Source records

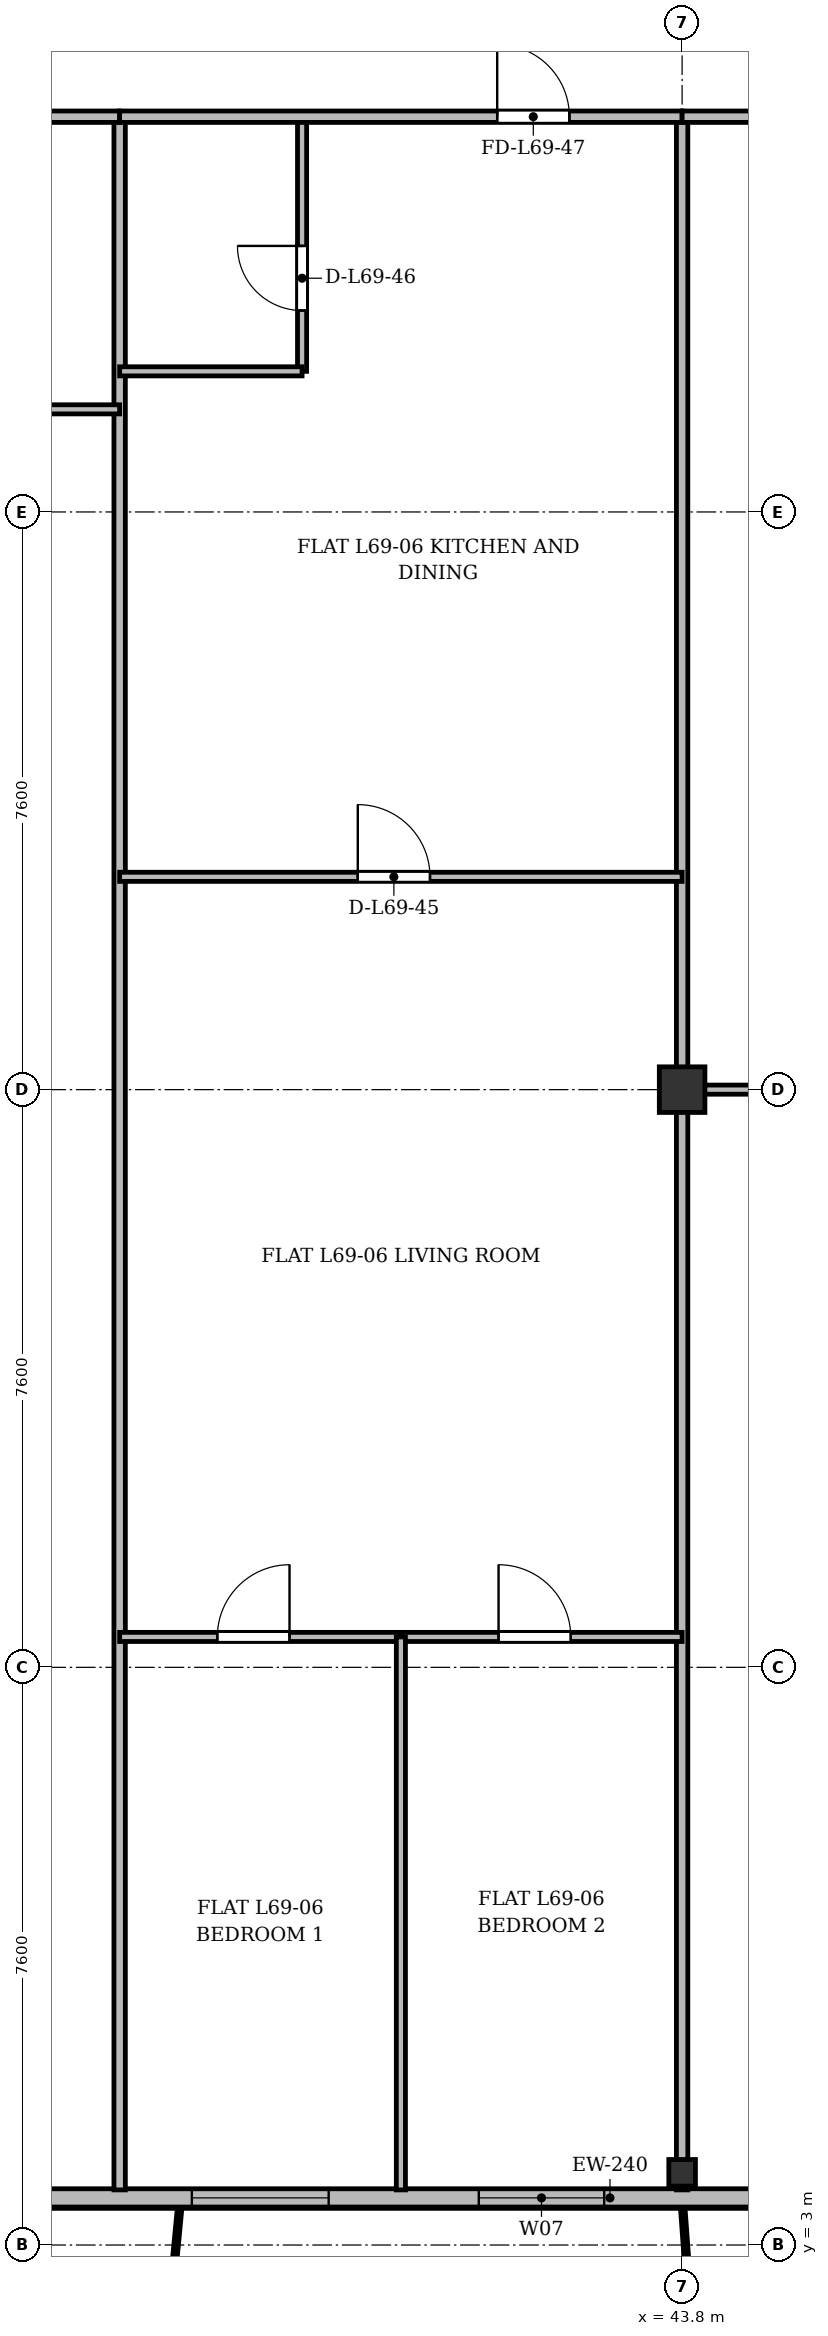
"""IFC4 building model, lengths in metres.
Left out: names, types, materials, properties, quantities, classifications, styles, units other than length and angle.
Written with IfcOpenShell. Run it as: python <this file> out.ifc"""

import sys

from ifc_helpers import new_model, si_unit, direction, frame, frame_2d, origin, origin_2d, place, context, subcontext, project, spatial, rectangle, i_section, extrude, source, transform, mapped, element, fill, save


model = new_model("IFC4")
c1 = context("Model", 3, precision=1e-05, world=origin(), true_north=direction((0.0, 1.0)))
c2 = subcontext(c1, "Body", "Model", "MODEL_VIEW")
j1 = project(units=[si_unit("LENGTHUNIT", "METRE"), si_unit("PLANEANGLEUNIT", "RADIAN")], contexts=[c1])
p1 = place(None, origin())
s1 = spatial("IfcSite", under=j1, at=p1, CompositionType="ELEMENT")
p2 = place(p1, origin())
s2 = spatial("IfcBuilding", under=s1, at=p2, CompositionType="ELEMENT")
p3 = place(p2, frame((0.0, 0.0, 266.7)))
s3 = spatial("IfcBuildingStorey", under=s2, at=p3, CompositionType="ELEMENT", Elevation=266.7)
m1 = source(origin(), c2, "Body", "SweptSolid", [
    extrude(i_section(OverallWidth=0.35, OverallDepth=0.35, WebThickness=0.018, FlangeThickness=0.028, at=origin_2d()), origin(), (0.0, 0.0, 1.0), 3.6),
])
p4 = place(p3, frame((43.8, 3.95, 0.0), z_axis=(0.0, 0.0, 1.0), x_axis=(1.0, 0.0, 0.0)))
e1 = element("IfcColumn", 1, at=p4, inside=s3, PredefinedType="COLUMN", context=c2, shape_type="MappedRepresentation", body=[
    mapped(m1, transform((0.0, 0.0, 0.0), x_axis=(1.0, 0.0, 0.0), y_axis=(0.0, 1.0, 0.0), z_axis=(0.0, 0.0, 1.0), scale=1.0)),
])
m2 = source(origin(), c2, "Body", "SweptSolid", [
    extrude(rectangle(XDim=0.6, YDim=0.6, at=origin_2d()), origin(), (0.0, 0.0, 1.0), 3.6),
])
p5 = place(p3, frame((43.8, 18.2, 0.0), z_axis=(0.0, 0.0, 1.0), x_axis=(1.0, 0.0, 0.0)))
e2 = element("IfcColumn", 2, at=p5, inside=s3, PredefinedType="COLUMN", context=c2, shape_type="MappedRepresentation", body=[
    mapped(m2, transform((0.0, 0.0, 0.0), x_axis=(1.0, 0.0, 0.0), y_axis=(0.0, 1.0, 0.0), z_axis=(0.0, 0.0, 1.0), scale=1.0)),
])
p6 = place(p3, frame((63.2, 3.62, 0.0), z_axis=(0.0, 0.0, 1.0), x_axis=(-1.0, 0.0, 0.0)))
e3 = element("IfcWall", 3, at=p6, inside=s3, PredefinedType="SOLIDWALL", context=c2, shape_type="SweptSolid", body=[
    extrude(rectangle(XDim=52.0, YDim=0.24, at=frame_2d((26.0, 0.0))), origin(), (0.0, 0.0, 1.0), 3.37),
])
p7 = place(p6, frame((0.345, 0.0, 0.9)))
e4 = element("IfcOpeningElement", 4, at=p7, cuts=e3, PredefinedType="OPENING", context=c2, shape_type="SweptSolid", body=[
    extrude(rectangle(XDim=1.2, YDim=1.65, at=frame_2d((0.6, 0.825))), frame((0.0, 0.13, 0.0), z_axis=(0.0, -1.0, 0.0), x_axis=(1.0, 0.0, 0.0)), (0.0, 0.0, 1.0), 0.26),
])
p8 = place(p6, frame((2.15, 0.0, 0.9)))
e5 = element("IfcOpeningElement", 5, at=p8, cuts=e3, PredefinedType="OPENING", context=c2, shape_type="SweptSolid", body=[
    extrude(rectangle(XDim=1.8, YDim=1.8, at=frame_2d((0.9, 0.9))), frame((0.0, 0.13, 0.0), z_axis=(0.0, -1.0, 0.0), x_axis=(1.0, 0.0, 0.0)), (0.0, 0.0, 1.0), 0.26),
])
p9 = place(p6, frame((5.42, 0.0, 0.0)))
e6 = element("IfcOpeningElement", 6, at=p9, cuts=e3, PredefinedType="OPENING", context=c2, shape_type="SweptSolid", body=[
    extrude(rectangle(XDim=1.2, YDim=2.2, at=frame_2d((0.6, 1.1))), frame((0.0, 0.13, 0.0), z_axis=(0.0, -1.0, 0.0), x_axis=(1.0, 0.0, 0.0)), (0.0, 0.0, 1.0), 0.26),
])
p10 = place(p6, frame((8.75, 0.0, 0.9)))
e7 = element("IfcOpeningElement", 7, at=p10, cuts=e3, PredefinedType="OPENING", context=c2, shape_type="SweptSolid", body=[
    extrude(rectangle(XDim=1.5, YDim=1.75, at=frame_2d((0.75, 0.875))), frame((0.0, 0.13, 0.0), z_axis=(0.0, -1.0, 0.0), x_axis=(1.0, 0.0, 0.0)), (0.0, 0.0, 1.0), 0.26),
])
p11 = place(p6, frame((14.8, 0.0, 0.9)))
e8 = element("IfcOpeningElement", 8, at=p11, cuts=e3, PredefinedType="OPENING", context=c2, shape_type="SweptSolid", body=[
    extrude(rectangle(XDim=2.0, YDim=1.95, at=frame_2d((1.0, 0.975))), frame((0.0, 0.13, 0.0), z_axis=(0.0, -1.0, 0.0), x_axis=(1.0, 0.0, 0.0)), (0.0, 0.0, 1.0), 0.26),
])
p12 = place(p6, frame((20.425, 0.0, 0.9)))
e9 = element("IfcOpeningElement", 9, at=p12, cuts=e3, PredefinedType="OPENING", context=c2, shape_type="SweptSolid", body=[
    extrude(rectangle(XDim=1.65, YDim=1.85, at=frame_2d((0.825, 0.925))), frame((0.0, 0.13, 0.0), z_axis=(0.0, -1.0, 0.0), x_axis=(1.0, 0.0, 0.0)), (0.0, 0.0, 1.0), 0.26),
])
p13 = place(p6, frame((24.05, 0.0, 0.9)))
e10 = element("IfcOpeningElement", 10, at=p13, cuts=e3, PredefinedType="OPENING", context=c2, shape_type="SweptSolid", body=[
    extrude(rectangle(XDim=1.8, YDim=1.8, at=frame_2d((0.9, 0.9))), frame((0.0, 0.13, 0.0), z_axis=(0.0, -1.0, 0.0), x_axis=(1.0, 0.0, 0.0)), (0.0, 0.0, 1.0), 0.26),
])
p14 = place(p6, frame((28.6, 0.0, 0.9)))
e11 = element("IfcOpeningElement", 11, at=p14, cuts=e3, PredefinedType="OPENING", context=c2, shape_type="SweptSolid", body=[
    extrude(rectangle(XDim=2.2, YDim=1.8, at=frame_2d((1.1, 0.9))), frame((0.0, 0.13, 0.0), z_axis=(0.0, -1.0, 0.0), x_axis=(1.0, 0.0, 0.0)), (0.0, 0.0, 1.0), 0.26),
])
p15 = place(p6, frame((34.078, 0.0, 0.0)))
e12 = element("IfcOpeningElement", 12, at=p15, cuts=e3, PredefinedType="OPENING", context=c2, shape_type="SweptSolid", body=[
    extrude(rectangle(XDim=1.2, YDim=2.2, at=frame_2d((0.6, 1.1))), frame((0.0, 0.13, 0.0), z_axis=(0.0, -1.0, 0.0), x_axis=(1.0, 0.0, 0.0)), (0.0, 0.0, 1.0), 0.26),
])
p16 = place(p6, frame((37.0, 0.0, 0.9)))
e13 = element("IfcOpeningElement", 13, at=p16, cuts=e3, PredefinedType="OPENING", context=c2, shape_type="SweptSolid", body=[
    extrude(rectangle(XDim=2.0, YDim=1.95, at=frame_2d((1.0, 0.975))), frame((0.0, 0.13, 0.0), z_axis=(0.0, -1.0, 0.0), x_axis=(1.0, 0.0, 0.0)), (0.0, 0.0, 1.0), 0.26),
])
p17 = place(p6, frame((41.075, 0.0, 0.9)))
e14 = element("IfcOpeningElement", 14, at=p17, cuts=e3, PredefinedType="OPENING", context=c2, shape_type="SweptSolid", body=[
    extrude(rectangle(XDim=1.65, YDim=1.85, at=frame_2d((0.825, 0.925))), frame((0.0, 0.13, 0.0), z_axis=(0.0, -1.0, 0.0), x_axis=(1.0, 0.0, 0.0)), (0.0, 0.0, 1.0), 0.26),
])
p18 = place(p6, frame((44.19, 0.0, 0.9)))
e15 = element("IfcOpeningElement", 15, at=p18, cuts=e3, PredefinedType="OPENING", context=c2, shape_type="SweptSolid", body=[
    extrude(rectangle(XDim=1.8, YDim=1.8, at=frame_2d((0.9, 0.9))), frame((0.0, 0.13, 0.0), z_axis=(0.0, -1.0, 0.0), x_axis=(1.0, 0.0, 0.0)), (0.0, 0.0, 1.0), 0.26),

_TASK OBJECTIVE_
Whenever the word "inside" shows up in a line of the entries, list that line.

_TASK RESPONSE_
e1 = element("IfcColumn", 1, at=p4, inside=s3, PredefinedType="COLUMN", context=c2, shape_type="MappedRepresentation", body=[
e2 = element("IfcColumn", 2, at=p5, inside=s3, PredefinedType="COLUMN", context=c2, shape_type="MappedRepresentation", body=[
e3 = element("IfcWall", 3, at=p6, inside=s3, PredefinedType="SOLIDWALL", context=c2, shape_type="SweptSolid", body=[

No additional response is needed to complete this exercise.